(Collected data)
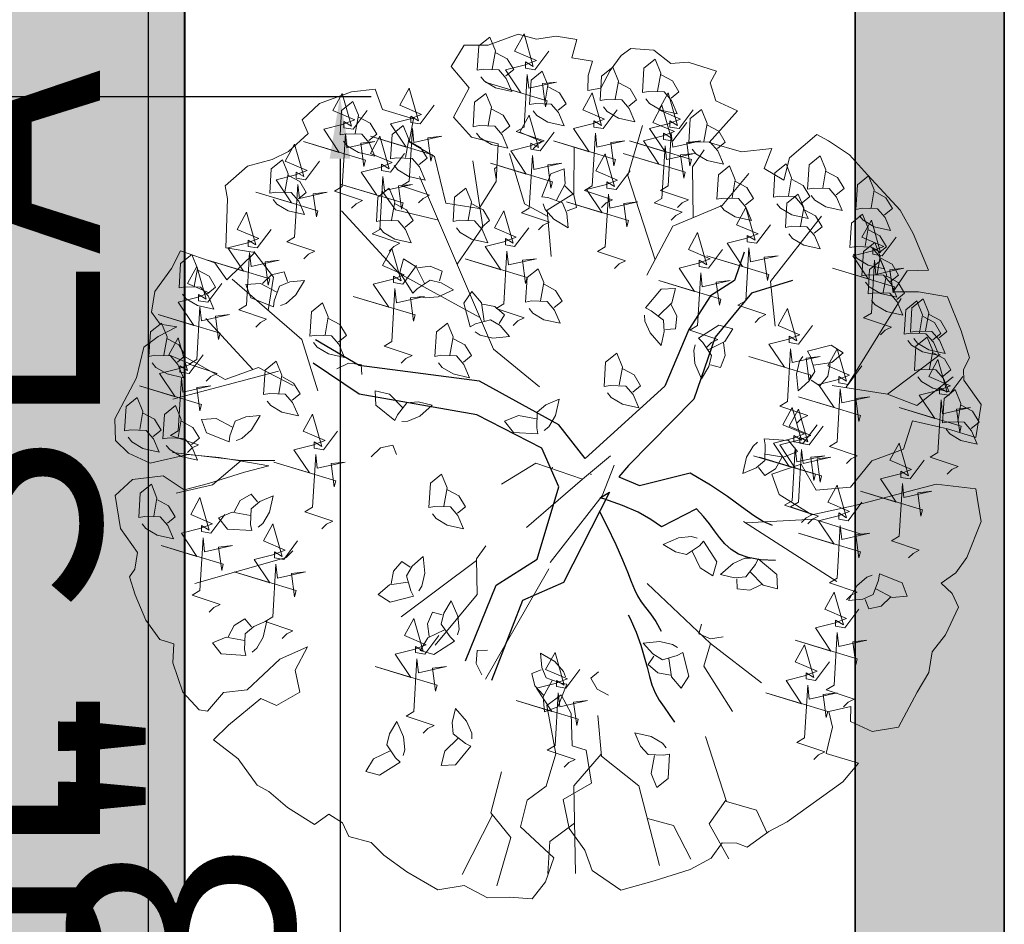
# Model space of a CAD drawing. Units: inches. Extents: x 2337 to 3570, y 1258 to 1938.
# Tile 16 of 30: x 2866 to 2906, y 1722 to 1758. Entities that reach past the tile are written whole.
import ezdxf

# ---------------------------------------------------------------- set-up
doc = ezdxf.new("R2010")
doc.units = ezdxf.units.IN
for name, color, linetype, lineweight in [('A-ANNO-DIMS', 2, 'Continuous', 18), ('A-WALL', 7, 'Continuous', 40), ('ARBOL', 74, 'Continuous', 13), ('C-PROP', 7, 'Continuous', 35)]:
    doc.layers.add(name, color=color, linetype=linetype, lineweight=lineweight)
doc.layers.add('A-WALL-PATT', color=18, linetype='Continuous', lineweight=13, true_color=0x000000)
doc.layers.add('C-PROP-PATT', color=251, linetype='Continuous', lineweight=13, true_color=0x636466)
doc.layers.add('TALLO', color=36, linetype='Continuous')
doc.styles.get("Standard").update_dxf_attribs({"font": 'arial.ttf'})
doc.dimstyles.new('ISO-25', dxfattribs={"dimtxt": 9, "dimasz": 2.5, "dimexe": 1.25, "dimexo": 0.625, "dimtad": 1, "dimdec": 1, "dimlunit": 3, "dimtxsty": 'Standard', "dimcen": 2.5, "dimadec": 0, "dimazin": 0, "dimtfac": 1, "dimtdec": 1, "dimtmove": 0, "dimatfit": 3, "dimfxl": 1, "dimarcsym": 0})

# ---------------------------------------------------------------- blocks, each defined once
blk = doc.blocks.new('fresno')
at = {"layer": 'ARBOL'}
for p, q in [((2.96, 0.991), (3.575, 1.984)), ((-3.638, 1.194), (-4.164, 1.76)), ((-1.151, -0.932), (-1.99, -1.556)), ((-0.974, -3.757), (-1.31, -4.423))]:
    blk.add_line(p, q, dxfattribs=at)
blk.add_lwpolyline([(0.823, 4.745), (0.566, 4.764), (0.459, 4.687), (0.336, 4.518), (0.233, 4.322), (0.087, 4.298), (0.091, 4.464), (0.14, 4.621), (-0.09, 4.659), (-0.033, 4.863), (-0.264, 4.901), (-0.483, 4.866), (-0.686, 4.924), (-1.021, 4.801), (-1.288, 4.8), (-1.431, 4.563), (-1.234, 4.327), (-1.406, 4), (-1.205, 3.778), (-0.909, 3.705), (-0.931, 3.283), (-1.122, 2.983), (-1.491, 3.043), (-1.619, 3.562), (-1.9, 3.727), (-1.851, 3.982), (-2.197, 4.084), (-2.278, 4.31), (-2.543, 4.283), (-2.896, 4.152), (-3.091, 3.971), (-3.022, 3.817), (-3.244, 3.617), (-3.424, 3.528), (-3.697, 3.455), (-3.946, 3.236), (-3.922, 3.09), (-3.94, 2.548), (-3.617, 2.495), (-3.927, 2.19), (-4.062, 2.379), (-4.443, 2.512), (-4.546, 2.316), (-4.73, 2.062), (-4.767, 1.832), (-4.671, 1.698), (-4.486, 1.667), (-4.693, 1.559), (-4.854, 1.444), (-4.934, 1.102), (-5.037, 0.905), (-5.175, 0.644), (-5.166, 0.406), (-5.024, 0.264), (-4.781, 0.153), (-4.363, 0.249), (-4.014, 0.215), (-3.783, 0.177), (-3.46, 0.124), (-3.733, 0.051), (-4.132, -0.073), (-4.404, -0.146), (-4.639, 0.011), (-4.977, -0.028), (-5.172, -0.209), (-5.113, -0.574), (-4.921, -0.843), (-4.951, -1.027), (-5.012, -1.112), (-4.95, -1.311), (-4.83, -1.592), (-4.676, -1.807), (-4.518, -1.856), (-4.529, -2.068), (-4.417, -2.394), (-4.236, -2.59), (-4.143, -2.605), (-3.967, -2.397), (-3.703, -2.37), (-3.339, -2.027), (-3.032, -1.889), (-3.169, -2.15), (-3.115, -2.396), (-3.376, -2.542), (-3.552, -2.466), (-3.909, -2.762), (-4.077, -2.924), (-3.804, -3.135), (-3.592, -3.43), (-3.461, -3.499), (-3.253, -3.676), (-2.953, -3.867), (-2.792, -3.752), (-2.642, -3.848), (-2.572, -4.001), (-2.323, -4.066), (-2.18, -4.208), (-1.926, -4.392), (-1.58, -4.591), (-1.288, -4.545), (-1.027, -4.683), (-0.788, -4.675), (-0.531, -4.693), (-0.382, -4.505), (-0.29, -4.236), (-0.66, -3.891), (-0.588, -3.595), (-0.374, -3.441), (-0.267, -3.079), (-0.368, -2.541), (-0.208, -2.426), (-0.099, -2.633), (-0.087, -2.991), (0.071, -3.04), (0.129, -3.405), (-0.185, -3.59), (-0.119, -3.909), (0.055, -4.151), (0.136, -4.377), (0.456, -4.596), (0.828, -4.491), (1.227, -4.368), (1.461, -4.241), (1.583, -4.071), (1.748, -4.075), (1.86, -4.117), (2.101, -3.944), (2.308, -3.836), (2.925, -3.393), (3.101, -3.185), (2.74, -3.078), (2.812, -2.782), (2.769, -2.61), (3.015, -2.555), (3.012, -2.721), (3.254, -2.832), (3.546, -2.785), (3.752, -2.393), (3.882, -2.177), (3.92, -1.947), (4.069, -1.758), (4.214, -1.451), (4.144, -1.297), (4.021, -1.182), (4.182, -1.067), (4.304, -0.897), (4.464, -0.497), (4.429, -0.279), (4.406, -0.133), (3.964, -0.083), (3.074, -0.315), (2.582, -0.424), (2.217, -0.197), (2.136, 0.029), (2.462, 0.141), (2.628, -0.147), (3.012, -0.116), (3.249, 0.177), (3.602, 0.308), (3.701, 0.623), (4.089, 0.535), (4.404, 0.436), (4.464, 0.805), (4.272, 1.074), (4.267, 1.193), (4.336, 1.324), (4.243, 1.623), (4.092, 2.003), (3.769, 2.057), (3.485, 2.056), (3.642, 2.291), (3.88, 2.299), (3.71, 2.706), (3.563, 2.967), (3.201, 3.358), (3.001, 3.581), (2.766, 3.738), (2.635, 3.807), (2.332, 3.549), (2.268, 3.299), (2.052, 3.429), (2.136, 3.652), (1.798, 3.613), (1.437, 3.72), (1.755, 4.071), (1.513, 4.182), (1.451, 4.381), (1.519, 4.512), (1.204, 4.611), (1.012, 4.596)], close=True, dxfattribs=at)
for points in [[(-1.104, 4.45), (-1.063, 4.399), (-0.939, 4.325), (-0.757, 4.285), (-0.82, 4.431), (-0.903, 4.527), (-1.075, 4.533), (-1.143, 4.521), (-1.126, 4.792), (-1.002, 4.891), (-0.939, 4.738), (-0.975, 4.535)], [(-0.346, 4.735), (-0.501, 4.528), (-0.605, 4.545), (-0.605, 4.614), (-0.519, 4.563), (-0.622, 4.925), (-0.726, 4.735), (-0.484, 4.632), (-0.622, 4.58), (-0.829, 4.528), (-0.657, 4.27), (-1.053, 4.39), (-0.363, 4.183), (-0.381, 4.114), (-0.415, 4.373), (-0.26, 4.39), (-0.57, 4.321), (-0.588, 4.476), (-0.622, 3.89), (-0.708, 3.839), (-0.398, 3.735), (-0.467, 3.701), (-0.519, 3.649)], [(-0.935, 4.717), (-0.809, 4.65), (-0.736, 4.529), (-0.824, 4.459)], [(0.734, 4.203), (0.775, 4.152), (0.9, 4.078), (1.082, 4.038), (1.018, 4.185), (0.936, 4.281), (0.763, 4.287), (0.696, 4.274), (0.712, 4.546), (0.837, 4.645), (0.899, 4.491), (0.863, 4.289)], [(-0.521, 4.069), (-0.48, 4.018), (-0.356, 3.944), (-0.174, 3.904), (-0.237, 4.051), (-0.32, 4.146), (-0.492, 4.152), (-0.56, 4.14), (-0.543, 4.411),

### INSTRUCTIONS FOR THE TASK
Only lines holding the word "name" belong in the answer; copy all of them from the records.

### RESPONSE
for name, color, linetype, lineweight in [('A-ANNO-DIMS', 2, 'Continuous', 18), ('A-WALL', 7, 'Continuous', 40), ('ARBOL', 74, 'Continuous', 13), ('C-PROP', 7, 'Continuous', 35)]:
    doc.layers.add(name, color=color, linetype=linetype, lineweight=lineweight)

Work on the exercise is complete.